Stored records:
--------------------------------------------------
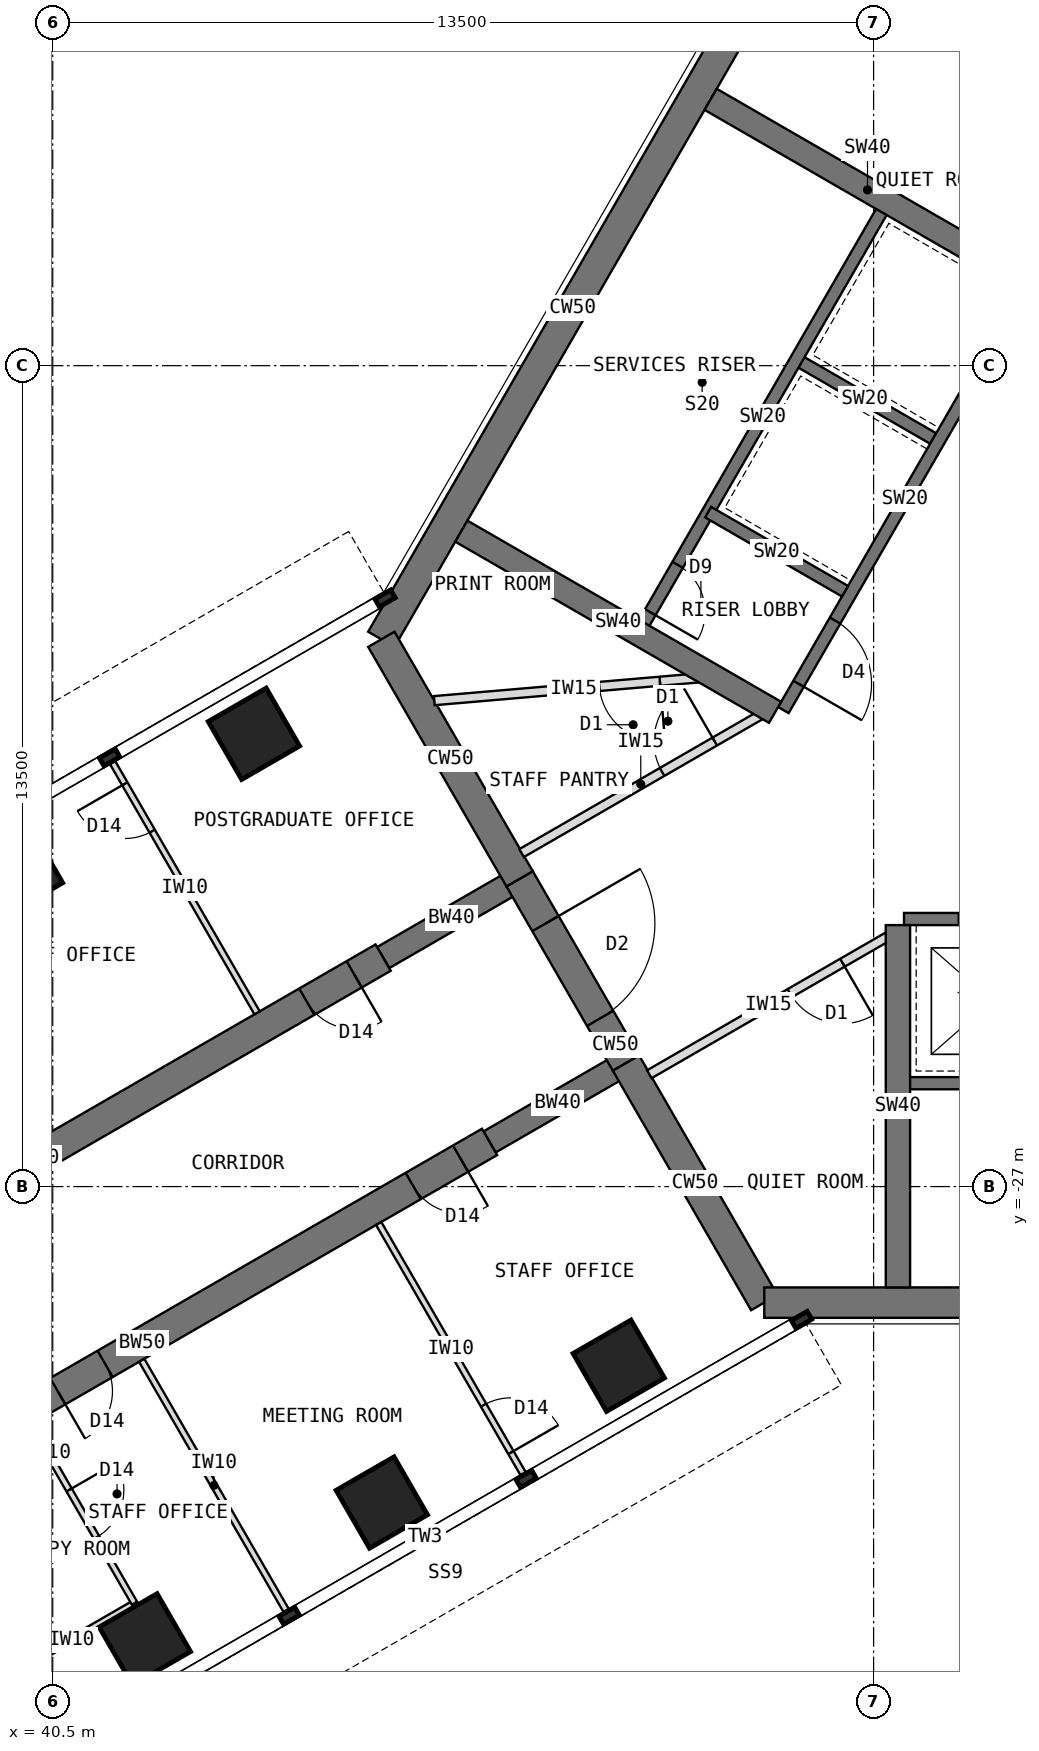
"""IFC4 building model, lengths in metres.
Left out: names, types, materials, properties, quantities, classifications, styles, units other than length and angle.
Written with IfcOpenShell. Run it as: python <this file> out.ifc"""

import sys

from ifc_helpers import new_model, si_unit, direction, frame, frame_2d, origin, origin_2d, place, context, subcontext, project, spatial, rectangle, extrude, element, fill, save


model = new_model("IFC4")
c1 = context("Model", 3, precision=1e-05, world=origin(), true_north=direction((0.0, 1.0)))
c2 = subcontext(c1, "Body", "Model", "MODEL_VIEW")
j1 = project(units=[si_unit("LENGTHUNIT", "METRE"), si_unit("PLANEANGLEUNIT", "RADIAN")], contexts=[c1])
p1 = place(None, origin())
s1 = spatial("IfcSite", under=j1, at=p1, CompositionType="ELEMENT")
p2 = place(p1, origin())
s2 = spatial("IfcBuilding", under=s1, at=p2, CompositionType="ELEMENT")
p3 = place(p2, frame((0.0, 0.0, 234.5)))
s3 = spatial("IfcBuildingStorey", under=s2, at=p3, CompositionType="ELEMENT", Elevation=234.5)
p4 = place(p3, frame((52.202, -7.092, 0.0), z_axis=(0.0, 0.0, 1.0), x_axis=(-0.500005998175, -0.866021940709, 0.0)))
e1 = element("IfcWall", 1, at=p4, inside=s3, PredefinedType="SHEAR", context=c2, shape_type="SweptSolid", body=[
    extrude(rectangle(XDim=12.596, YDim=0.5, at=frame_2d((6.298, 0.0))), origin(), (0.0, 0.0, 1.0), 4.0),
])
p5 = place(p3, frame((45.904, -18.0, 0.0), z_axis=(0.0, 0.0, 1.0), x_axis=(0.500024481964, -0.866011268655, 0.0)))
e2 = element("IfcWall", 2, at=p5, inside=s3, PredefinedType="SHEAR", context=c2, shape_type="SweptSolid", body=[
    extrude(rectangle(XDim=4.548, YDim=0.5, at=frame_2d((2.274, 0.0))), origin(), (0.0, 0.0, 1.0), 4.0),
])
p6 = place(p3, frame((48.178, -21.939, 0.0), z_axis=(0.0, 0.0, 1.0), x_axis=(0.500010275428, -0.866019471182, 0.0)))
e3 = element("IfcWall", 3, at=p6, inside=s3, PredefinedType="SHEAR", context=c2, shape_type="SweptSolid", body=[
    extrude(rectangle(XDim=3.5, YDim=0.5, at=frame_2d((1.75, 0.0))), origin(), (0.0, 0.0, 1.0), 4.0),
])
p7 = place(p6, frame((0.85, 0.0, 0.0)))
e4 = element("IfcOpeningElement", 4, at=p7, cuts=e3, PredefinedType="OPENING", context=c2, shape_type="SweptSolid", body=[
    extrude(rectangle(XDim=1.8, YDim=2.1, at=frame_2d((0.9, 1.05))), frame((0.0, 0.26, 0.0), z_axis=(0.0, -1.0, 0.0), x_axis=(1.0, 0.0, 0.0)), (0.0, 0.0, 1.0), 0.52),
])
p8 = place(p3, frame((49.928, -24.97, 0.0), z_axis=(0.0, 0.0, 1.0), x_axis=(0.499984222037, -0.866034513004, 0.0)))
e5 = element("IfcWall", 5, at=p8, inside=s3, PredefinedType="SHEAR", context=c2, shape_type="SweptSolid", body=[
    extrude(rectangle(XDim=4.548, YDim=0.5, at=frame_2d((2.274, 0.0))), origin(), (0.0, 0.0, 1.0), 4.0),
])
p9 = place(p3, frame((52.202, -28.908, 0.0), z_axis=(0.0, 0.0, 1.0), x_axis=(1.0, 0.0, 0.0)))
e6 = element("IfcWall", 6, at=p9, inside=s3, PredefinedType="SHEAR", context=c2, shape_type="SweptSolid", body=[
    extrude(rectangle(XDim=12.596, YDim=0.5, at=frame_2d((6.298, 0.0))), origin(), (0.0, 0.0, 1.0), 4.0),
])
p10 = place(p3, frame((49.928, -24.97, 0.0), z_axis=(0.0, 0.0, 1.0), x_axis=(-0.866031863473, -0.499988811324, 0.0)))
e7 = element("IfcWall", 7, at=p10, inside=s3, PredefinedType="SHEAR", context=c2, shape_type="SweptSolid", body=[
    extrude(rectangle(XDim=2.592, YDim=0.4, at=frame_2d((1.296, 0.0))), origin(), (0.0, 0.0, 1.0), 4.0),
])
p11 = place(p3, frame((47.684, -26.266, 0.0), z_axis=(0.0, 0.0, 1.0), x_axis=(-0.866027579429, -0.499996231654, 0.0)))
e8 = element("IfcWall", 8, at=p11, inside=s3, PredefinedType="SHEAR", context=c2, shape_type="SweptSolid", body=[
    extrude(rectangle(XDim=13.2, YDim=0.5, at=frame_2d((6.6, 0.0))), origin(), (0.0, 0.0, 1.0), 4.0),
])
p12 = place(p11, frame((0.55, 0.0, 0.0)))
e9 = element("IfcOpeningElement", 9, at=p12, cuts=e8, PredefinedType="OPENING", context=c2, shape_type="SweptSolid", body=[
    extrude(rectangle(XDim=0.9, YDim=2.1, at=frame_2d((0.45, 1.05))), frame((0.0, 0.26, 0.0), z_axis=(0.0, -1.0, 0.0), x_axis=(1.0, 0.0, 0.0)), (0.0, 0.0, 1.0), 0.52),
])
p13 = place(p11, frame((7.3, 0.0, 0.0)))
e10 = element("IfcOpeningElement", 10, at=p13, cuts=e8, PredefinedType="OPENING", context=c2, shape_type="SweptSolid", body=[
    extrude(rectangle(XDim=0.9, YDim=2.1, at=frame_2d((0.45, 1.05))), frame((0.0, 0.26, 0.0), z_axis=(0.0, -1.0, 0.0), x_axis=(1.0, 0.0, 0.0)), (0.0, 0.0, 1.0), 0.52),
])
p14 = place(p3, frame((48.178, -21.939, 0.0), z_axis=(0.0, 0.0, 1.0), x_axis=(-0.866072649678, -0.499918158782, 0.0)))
--------------------------------------------------
▸ **Activity**: Retype all the entries exactly; drop the pictures.

▸ **Solved exercise**:
"""IFC4 building model, lengths in metres.
Left out: names, types, materials, properties, quantities, classifications, styles, units other than length and angle.
Written with IfcOpenShell. Run it as: python <this file> out.ifc"""

import sys

from ifc_helpers import new_model, si_unit, direction, frame, frame_2d, origin, origin_2d, place, context, subcontext, project, spatial, rectangle, extrude, element, fill, save


model = new_model("IFC4")
c1 = context("Model", 3, precision=1e-05, world=origin(), true_north=direction((0.0, 1.0)))
c2 = subcontext(c1, "Body", "Model", "MODEL_VIEW")
j1 = project(units=[si_unit("LENGTHUNIT", "METRE"), si_unit("PLANEANGLEUNIT", "RADIAN")], contexts=[c1])
p1 = place(None, origin())
s1 = spatial("IfcSite", under=j1, at=p1, CompositionType="ELEMENT")
p2 = place(p1, origin())
s2 = spatial("IfcBuilding", under=s1, at=p2, CompositionType="ELEMENT")
p3 = place(p2, frame((0.0, 0.0, 234.5)))
s3 = spatial("IfcBuildingStorey", under=s2, at=p3, CompositionType="ELEMENT", Elevation=234.5)
p4 = place(p3, frame((52.202, -7.092, 0.0), z_axis=(0.0, 0.0, 1.0), x_axis=(-0.500005998175, -0.866021940709, 0.0)))
e1 = element("IfcWall", 1, at=p4, inside=s3, PredefinedType="SHEAR", context=c2, shape_type="SweptSolid", body=[
    extrude(rectangle(XDim=12.596, YDim=0.5, at=frame_2d((6.298, 0.0))), origin(), (0.0, 0.0, 1.0), 4.0),
])
p5 = place(p3, frame((45.904, -18.0, 0.0), z_axis=(0.0, 0.0, 1.0), x_axis=(0.500024481964, -0.866011268655, 0.0)))
e2 = element("IfcWall", 2, at=p5, inside=s3, PredefinedType="SHEAR", context=c2, shape_type="SweptSolid", body=[
    extrude(rectangle(XDim=4.548, YDim=0.5, at=frame_2d((2.274, 0.0))), origin(), (0.0, 0.0, 1.0), 4.0),
])
p6 = place(p3, frame((48.178, -21.939, 0.0), z_axis=(0.0, 0.0, 1.0), x_axis=(0.500010275428, -0.866019471182, 0.0)))
e3 = element("IfcWall", 3, at=p6, inside=s3, PredefinedType="SHEAR", context=c2, shape_type="SweptSolid", body=[
    extrude(rectangle(XDim=3.5, YDim=0.5, at=frame_2d((1.75, 0.0))), origin(), (0.0, 0.0, 1.0), 4.0),
])
p7 = place(p6, frame((0.85, 0.0, 0.0)))
e4 = element("IfcOpeningElement", 4, at=p7, cuts=e3, PredefinedType="OPENING", context=c2, shape_type="SweptSolid", body=[
    extrude(rectangle(XDim=1.8, YDim=2.1, at=frame_2d((0.9, 1.05))), frame((0.0, 0.26, 0.0), z_axis=(0.0, -1.0, 0.0), x_axis=(1.0, 0.0, 0.0)), (0.0, 0.0, 1.0), 0.52),
])
p8 = place(p3, frame((49.928, -24.97, 0.0), z_axis=(0.0, 0.0, 1.0), x_axis=(0.499984222037, -0.866034513004, 0.0)))
e5 = element("IfcWall", 5, at=p8, inside=s3, PredefinedType="SHEAR", context=c2, shape_type="SweptSolid", body=[
    extrude(rectangle(XDim=4.548, YDim=0.5, at=frame_2d((2.274, 0.0))), origin(), (0.0, 0.0, 1.0), 4.0),
])
p9 = place(p3, frame((52.202, -28.908, 0.0), z_axis=(0.0, 0.0, 1.0), x_axis=(1.0, 0.0, 0.0)))
e6 = element("IfcWall", 6, at=p9, inside=s3, PredefinedType="SHEAR", context=c2, shape_type="SweptSolid", body=[
    extrude(rectangle(XDim=12.596, YDim=0.5, at=frame_2d((6.298, 0.0))), origin(), (0.0, 0.0, 1.0), 4.0),
])
p10 = place(p3, frame((49.928, -24.97, 0.0), z_axis=(0.0, 0.0, 1.0), x_axis=(-0.866031863473, -0.499988811324, 0.0)))
e7 = element("IfcWall", 7, at=p10, inside=s3, PredefinedType="SHEAR", context=c2, shape_type="SweptSolid", body=[
    extrude(rectangle(XDim=2.592, YDim=0.4, at=frame_2d((1.296, 0.0))), origin(), (0.0, 0.0, 1.0), 4.0),
])
p11 = place(p3, frame((47.684, -26.266, 0.0), z_axis=(0.0, 0.0, 1.0), x_axis=(-0.866027579429, -0.499996231654, 0.0)))
e8 = element("IfcWall", 8, at=p11, inside=s3, PredefinedType="SHEAR", context=c2, shape_type="SweptSolid", body=[
    extrude(rectangle(XDim=13.2, YDim=0.5, at=frame_2d((6.6, 0.0))), origin(), (0.0, 0.0, 1.0), 4.0),
])
p12 = place(p11, frame((0.55, 0.0, 0.0)))
e9 = element("IfcOpeningElement", 9, at=p12, cuts=e8, PredefinedType="OPENING", context=c2, shape_type="SweptSolid", body=[
    extrude(rectangle(XDim=0.9, YDim=2.1, at=frame_2d((0.45, 1.05))), frame((0.0, 0.26, 0.0), z_axis=(0.0, -1.0, 0.0), x_axis=(1.0, 0.0, 0.0)), (0.0, 0.0, 1.0), 0.52),
])
p13 = place(p11, frame((7.3, 0.0, 0.0)))
e10 = element("IfcOpeningElement", 10, at=p13, cuts=e8, PredefinedType="OPENING", context=c2, shape_type="SweptSolid", body=[
    extrude(rectangle(XDim=0.9, YDim=2.1, at=frame_2d((0.45, 1.05))), frame((0.0, 0.26, 0.0), z_axis=(0.0, -1.0, 0.0), x_axis=(1.0, 0.0, 0.0)), (0.0, 0.0, 1.0), 0.52),
])
p14 = place(p3, frame((48.178, -21.939, 0.0), z_axis=(0.0, 0.0, 1.0), x_axis=(-0.866072649678, -0.499918158782, 0.0)))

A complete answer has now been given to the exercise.